• [MATERIAL PROVIDED]:
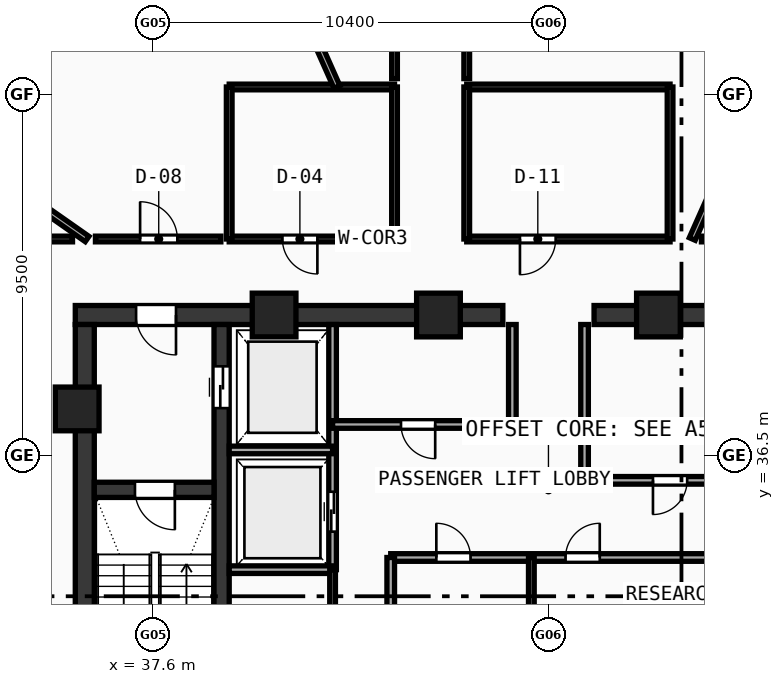
"""IFC4 building model, lengths in metres.
Left out: names, types, materials, properties, quantities, classifications, styles, units other than length and angle.
Written with IfcOpenShell. Run it as: python <this file> out.ifc"""

import sys

from ifc_helpers import new_model, si_unit, direction, frame, frame_2d, origin, origin_with_axes, origin_2d, place, context, subcontext, project, spatial, rectangle, hollow_rectangle, extrude, source, transform, mapped, element, fill, save


model = new_model("IFC4")
c1 = context("Model", 3, precision=1e-05, world=origin(), true_north=direction((0.0, 1.0)))
c2 = subcontext(c1, "Body", "Model", "MODEL_VIEW")
j1 = project(units=[si_unit("LENGTHUNIT", "METRE"), si_unit("PLANEANGLEUNIT", "RADIAN")], contexts=[c1])
p1 = place(None, origin())
s1 = spatial("IfcSite", under=j1, at=p1, CompositionType="ELEMENT")
p2 = place(p1, origin())
s2 = spatial("IfcBuilding", under=s1, at=p2, CompositionType="ELEMENT")
p3 = place(p2, frame((0.0, 0.0, 266.91)))
s3 = spatial("IfcBuildingStorey", under=s2, at=p3, CompositionType="ELEMENT", Elevation=266.91)
p4 = place(p3, frame((35.55, 40.2, 0.0), z_axis=(0.0, 0.0, 1.0), x_axis=(1.0, 0.0, 0.0)))
e1 = element("IfcWall", 1, at=p4, inside=s3, PredefinedType="SHEAR", context=c2, shape_type="SweptSolid", body=[
    extrude(rectangle(XDim=11.25, YDim=0.5, at=frame_2d((5.625, 0.0))), origin(), (0.0, 0.0, 1.0), 5.57),
])
p5 = place(p4, frame((1.6, 0.0, 0.0)))
e2 = element("IfcOpeningElement", 2, at=p5, cuts=e1, PredefinedType="OPENING", context=c2, shape_type="SweptSolid", body=[
    extrude(rectangle(XDim=1.05, YDim=2.1, at=frame_2d((0.525, 1.05))), frame((0.0, 0.26, 0.0), z_axis=(0.0, -1.0, 0.0), x_axis=(1.0, 0.0, 0.0)), (0.0, 0.0, 1.0), 0.52),
])
p6 = place(p3, frame((49.2, 40.2, 0.0), z_axis=(0.0, 0.0, 1.0), x_axis=(1.0, 0.0, 0.0)))
e3 = element("IfcWall", 3, at=p6, inside=s3, PredefinedType="SHEAR", context=c2, shape_type="SweptSolid", body=[
    extrude(rectangle(XDim=11.25, YDim=0.5, at=frame_2d((5.625, 0.0))), origin(), (0.0, 0.0, 1.0), 5.57),
])
p7 = place(p6, frame((8.6, 0.0, 0.0)))
e4 = element("IfcOpeningElement", 4, at=p7, cuts=e3, PredefinedType="OPENING", context=c2, shape_type="SweptSolid", body=[
    extrude(rectangle(XDim=1.05, YDim=2.1, at=frame_2d((0.525, 1.05))), frame((0.0, 0.26, 0.0), z_axis=(0.0, -1.0, 0.0), x_axis=(1.0, 0.0, 0.0)), (0.0, 0.0, 1.0), 0.52),
])
p8 = place(p3, frame((35.8, 27.75, 0.0), z_axis=(0.0, 0.0, 1.0), x_axis=(0.0, 1.0, 0.0)))
e5 = element("IfcWall", 5, at=p8, inside=s3, PredefinedType="SHEAR", context=c2, shape_type="SweptSolid", body=[
    extrude(rectangle(XDim=12.2, YDim=0.5, at=frame_2d((6.1, 0.0))), origin(), (0.0, 0.0, 1.0), 5.57),
])
p9 = place(p3, frame((39.4, 27.75, 0.0), z_axis=(0.0, 0.0, 1.0), x_axis=(0.0, 1.0, 0.0)))
e6 = element("IfcWall", 6, at=p9, inside=s3, PredefinedType="SHEAR", context=c2, shape_type="SweptSolid", body=[
    extrude(rectangle(XDim=12.2, YDim=0.4, at=frame_2d((6.1, 0.0))), origin(), (0.0, 0.0, 1.0), 5.57),
])
p10 = place(p9, frame((10.0, 0.0, 0.0)))
e7 = element("IfcOpeningElement", 7, at=p10, cuts=e6, PredefinedType="OPENING", context=c2, shape_type="SweptSolid", body=[
    extrude(rectangle(XDim=1.1, YDim=2.1, at=frame_2d((0.55, 1.05))), frame((0.0, 0.21, 0.0), z_axis=(0.0, -1.0, 0.0), x_axis=(1.0, 0.0, 0.0)), (0.0, 0.0, 1.0), 0.42),
])
p11 = place(p3, frame((36.05, 35.6, 0.0), z_axis=(0.0, 0.0, 1.0), x_axis=(1.0, 0.0, 0.0)))
e8 = element("IfcWall", 8, at=p11, inside=s3, PredefinedType="SHEAR", context=c2, shape_type="SweptSolid", body=[
    extrude(rectangle(XDim=3.15, YDim=0.4, at=frame_2d((1.575, 0.0))), origin(), (0.0, 0.0, 1.0), 5.57),
])
p12 = place(p11, frame((1.07, 0.0, 0.0)))
e9 = element("IfcOpeningElement", 9, at=p12, cuts=e8, PredefinedType="OPENING", context=c2, shape_type="SweptSolid", body=[
    extrude(rectangle(XDim=1.05, YDim=2.1, at=frame_2d((0.525, 1.05))), frame((0.0, 0.21, 0.0), z_axis=(0.0, -1.0, 0.0), x_axis=(1.0, 0.0, 0.0)), (0.0, 0.0, 1.0), 0.42),
])
m1 = source(origin(), c2, "Body", "SweptSolid", [
    extrude(hollow_rectangle(XDim=1.15, YDim=1.15, WallThickness=0.048, at=origin_2d()), origin(), (0.0, 0.0, 1.0), 5.83),
])
for number, where, z_axis, x_axis in (
    (10, (50.894, 40.2, -0.26), (0.0, 0.0, 1.0), (1.0, 0.0, 0.0)),
    (11, (45.106, 40.2, -0.26), (0.0, 0.0, 1.0), (1.0, 0.0, 0.0)),
    (12, (40.781, 40.2, -0.26), (0.0, 0.0, 1.0), (1.0, 0.0, 0.0)),
    (13, (35.6, 37.729, -0.26), (0.0, 0.0, 1.0), (1.0, 0.0, 0.0)),
):
    element("IfcColumn", number, at=place(p3, frame(where, z_axis=z_axis, x_axis=x_axis)), inside=s3, PredefinedType="COLUMN", context=c2, shape_type="MappedRepresentation", body=[
        mapped(m1, transform((0.0, 0.0, 0.0), scale=1.0)),
    ])
p13 = place(p3, frame((42.32, 33.5, 0.0), z_axis=(0.0, 0.0, 1.0), x_axis=(0.0, 1.0, 0.0)))
e14 = element("IfcWall", 14, at=p13, inside=s3, PredefinedType="SOLIDWALL", context=c2, shape_type="SweptSolid", body=[
    extrude(rectangle(XDim=6.45, YDim=0.2, at=frame_2d((3.225, 0.0))), origin(), (0.0, 0.0, 1.0), 5.57),
])
p14 = place(p13, frame((1.0, 0.0, 0.0)))
e15 = element("IfcOpeningElement", 15, at=p14, cuts=e14, PredefinedType="OPENING", context=c2, shape_type="SweptSolid", body=[
    extrude(rectangle(XDim=1.05, YDim=2.1, at=frame_2d((0.525, 1.05))), frame((0.0, 0.11, 0.0), z_axis=(0.0, -1.0, 0.0), x_axis=(1.0, 0.0, 0.0)), (0.0, 0.0, 1.0), 0.22),
])
for number, where, z_axis, x_axis in (
    (16, (39.6, 36.65, 0.0), (0.0, 0.0, 1.0), (1.0, 0.0, 0.0)),
    (17, (39.6, 33.5, 0.0), (0.0, 0.0, 1.0), (1.0, 0.0, 0.0)),
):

• [EXERCISE INSTRUCTIONS]: Quote every record above exactly, omitting any pictures they contain.

• [YOUR RESPONSE]:
"""IFC4 building model, lengths in metres.
Left out: names, types, materials, properties, quantities, classifications, styles, units other than length and angle.
Written with IfcOpenShell. Run it as: python <this file> out.ifc"""

import sys

from ifc_helpers import new_model, si_unit, direction, frame, frame_2d, origin, origin_with_axes, origin_2d, place, context, subcontext, project, spatial, rectangle, hollow_rectangle, extrude, source, transform, mapped, element, fill, save


model = new_model("IFC4")
c1 = context("Model", 3, precision=1e-05, world=origin(), true_north=direction((0.0, 1.0)))
c2 = subcontext(c1, "Body", "Model", "MODEL_VIEW")
j1 = project(units=[si_unit("LENGTHUNIT", "METRE"), si_unit("PLANEANGLEUNIT", "RADIAN")], contexts=[c1])
p1 = place(None, origin())
s1 = spatial("IfcSite", under=j1, at=p1, CompositionType="ELEMENT")
p2 = place(p1, origin())
s2 = spatial("IfcBuilding", under=s1, at=p2, CompositionType="ELEMENT")
p3 = place(p2, frame((0.0, 0.0, 266.91)))
s3 = spatial("IfcBuildingStorey", under=s2, at=p3, CompositionType="ELEMENT", Elevation=266.91)
p4 = place(p3, frame((35.55, 40.2, 0.0), z_axis=(0.0, 0.0, 1.0), x_axis=(1.0, 0.0, 0.0)))
e1 = element("IfcWall", 1, at=p4, inside=s3, PredefinedType="SHEAR", context=c2, shape_type="SweptSolid", body=[
    extrude(rectangle(XDim=11.25, YDim=0.5, at=frame_2d((5.625, 0.0))), origin(), (0.0, 0.0, 1.0), 5.57),
])
p5 = place(p4, frame((1.6, 0.0, 0.0)))
e2 = element("IfcOpeningElement", 2, at=p5, cuts=e1, PredefinedType="OPENING", context=c2, shape_type="SweptSolid", body=[
    extrude(rectangle(XDim=1.05, YDim=2.1, at=frame_2d((0.525, 1.05))), frame((0.0, 0.26, 0.0), z_axis=(0.0, -1.0, 0.0), x_axis=(1.0, 0.0, 0.0)), (0.0, 0.0, 1.0), 0.52),
])
p6 = place(p3, frame((49.2, 40.2, 0.0), z_axis=(0.0, 0.0, 1.0), x_axis=(1.0, 0.0, 0.0)))
e3 = element("IfcWall", 3, at=p6, inside=s3, PredefinedType="SHEAR", context=c2, shape_type="SweptSolid", body=[
    extrude(rectangle(XDim=11.25, YDim=0.5, at=frame_2d((5.625, 0.0))), origin(), (0.0, 0.0, 1.0), 5.57),
])
p7 = place(p6, frame((8.6, 0.0, 0.0)))
e4 = element("IfcOpeningElement", 4, at=p7, cuts=e3, PredefinedType="OPENING", context=c2, shape_type="SweptSolid", body=[
    extrude(rectangle(XDim=1.05, YDim=2.1, at=frame_2d((0.525, 1.05))), frame((0.0, 0.26, 0.0), z_axis=(0.0, -1.0, 0.0), x_axis=(1.0, 0.0, 0.0)), (0.0, 0.0, 1.0), 0.52),
])
p8 = place(p3, frame((35.8, 27.75, 0.0), z_axis=(0.0, 0.0, 1.0), x_axis=(0.0, 1.0, 0.0)))
e5 = element("IfcWall", 5, at=p8, inside=s3, PredefinedType="SHEAR", context=c2, shape_type="SweptSolid", body=[
    extrude(rectangle(XDim=12.2, YDim=0.5, at=frame_2d((6.1, 0.0))), origin(), (0.0, 0.0, 1.0), 5.57),
])
p9 = place(p3, frame((39.4, 27.75, 0.0), z_axis=(0.0, 0.0, 1.0), x_axis=(0.0, 1.0, 0.0)))
e6 = element("IfcWall", 6, at=p9, inside=s3, PredefinedType="SHEAR", context=c2, shape_type="SweptSolid", body=[
    extrude(rectangle(XDim=12.2, YDim=0.4, at=frame_2d((6.1, 0.0))), origin(), (0.0, 0.0, 1.0), 5.57),
])
p10 = place(p9, frame((10.0, 0.0, 0.0)))
e7 = element("IfcOpeningElement", 7, at=p10, cuts=e6, PredefinedType="OPENING", context=c2, shape_type="SweptSolid", body=[
    extrude(rectangle(XDim=1.1, YDim=2.1, at=frame_2d((0.55, 1.05))), frame((0.0, 0.21, 0.0), z_axis=(0.0, -1.0, 0.0), x_axis=(1.0, 0.0, 0.0)), (0.0, 0.0, 1.0), 0.42),
])
p11 = place(p3, frame((36.05, 35.6, 0.0), z_axis=(0.0, 0.0, 1.0), x_axis=(1.0, 0.0, 0.0)))
e8 = element("IfcWall", 8, at=p11, inside=s3, PredefinedType="SHEAR", context=c2, shape_type="SweptSolid", body=[
    extrude(rectangle(XDim=3.15, YDim=0.4, at=frame_2d((1.575, 0.0))), origin(), (0.0, 0.0, 1.0), 5.57),
])
p12 = place(p11, frame((1.07, 0.0, 0.0)))
e9 = element("IfcOpeningElement", 9, at=p12, cuts=e8, PredefinedType="OPENING", context=c2, shape_type="SweptSolid", body=[
    extrude(rectangle(XDim=1.05, YDim=2.1, at=frame_2d((0.525, 1.05))), frame((0.0, 0.21, 0.0), z_axis=(0.0, -1.0, 0.0), x_axis=(1.0, 0.0, 0.0)), (0.0, 0.0, 1.0), 0.42),
])
m1 = source(origin(), c2, "Body", "SweptSolid", [
    extrude(hollow_rectangle(XDim=1.15, YDim=1.15, WallThickness=0.048, at=origin_2d()), origin(), (0.0, 0.0, 1.0), 5.83),
])
for number, where, z_axis, x_axis in (
    (10, (50.894, 40.2, -0.26), (0.0, 0.0, 1.0), (1.0, 0.0, 0.0)),
    (11, (45.106, 40.2, -0.26), (0.0, 0.0, 1.0), (1.0, 0.0, 0.0)),
    (12, (40.781, 40.2, -0.26), (0.0, 0.0, 1.0), (1.0, 0.0, 0.0)),
    (13, (35.6, 37.729, -0.26), (0.0, 0.0, 1.0), (1.0, 0.0, 0.0)),
):
    element("IfcColumn", number, at=place(p3, frame(where, z_axis=z_axis, x_axis=x_axis)), inside=s3, PredefinedType="COLUMN", context=c2, shape_type="MappedRepresentation", body=[
        mapped(m1, transform((0.0, 0.0, 0.0), scale=1.0)),
    ])
p13 = place(p3, frame((42.32, 33.5, 0.0), z_axis=(0.0, 0.0, 1.0), x_axis=(0.0, 1.0, 0.0)))
e14 = element("IfcWall", 14, at=p13, inside=s3, PredefinedType="SOLIDWALL", context=c2, shape_type="SweptSolid", body=[
    extrude(rectangle(XDim=6.45, YDim=0.2, at=frame_2d((3.225, 0.0))), origin(), (0.0, 0.0, 1.0), 5.57),
])
p14 = place(p13, frame((1.0, 0.0, 0.0)))
e15 = element("IfcOpeningElement", 15, at=p14, cuts=e14, PredefinedType="OPENING", context=c2, shape_type="SweptSolid", body=[
    extrude(rectangle(XDim=1.05, YDim=2.1, at=frame_2d((0.525, 1.05))), frame((0.0, 0.11, 0.0), z_axis=(0.0, -1.0, 0.0), x_axis=(1.0, 0.0, 0.0)), (0.0, 0.0, 1.0), 0.22),
])
for number, where, z_axis, x_axis in (
    (16, (39.6, 36.65, 0.0), (0.0, 0.0, 1.0), (1.0, 0.0, 0.0)),
    (17, (39.6, 33.5, 0.0), (0.0, 0.0, 1.0), (1.0, 0.0, 0.0)),
):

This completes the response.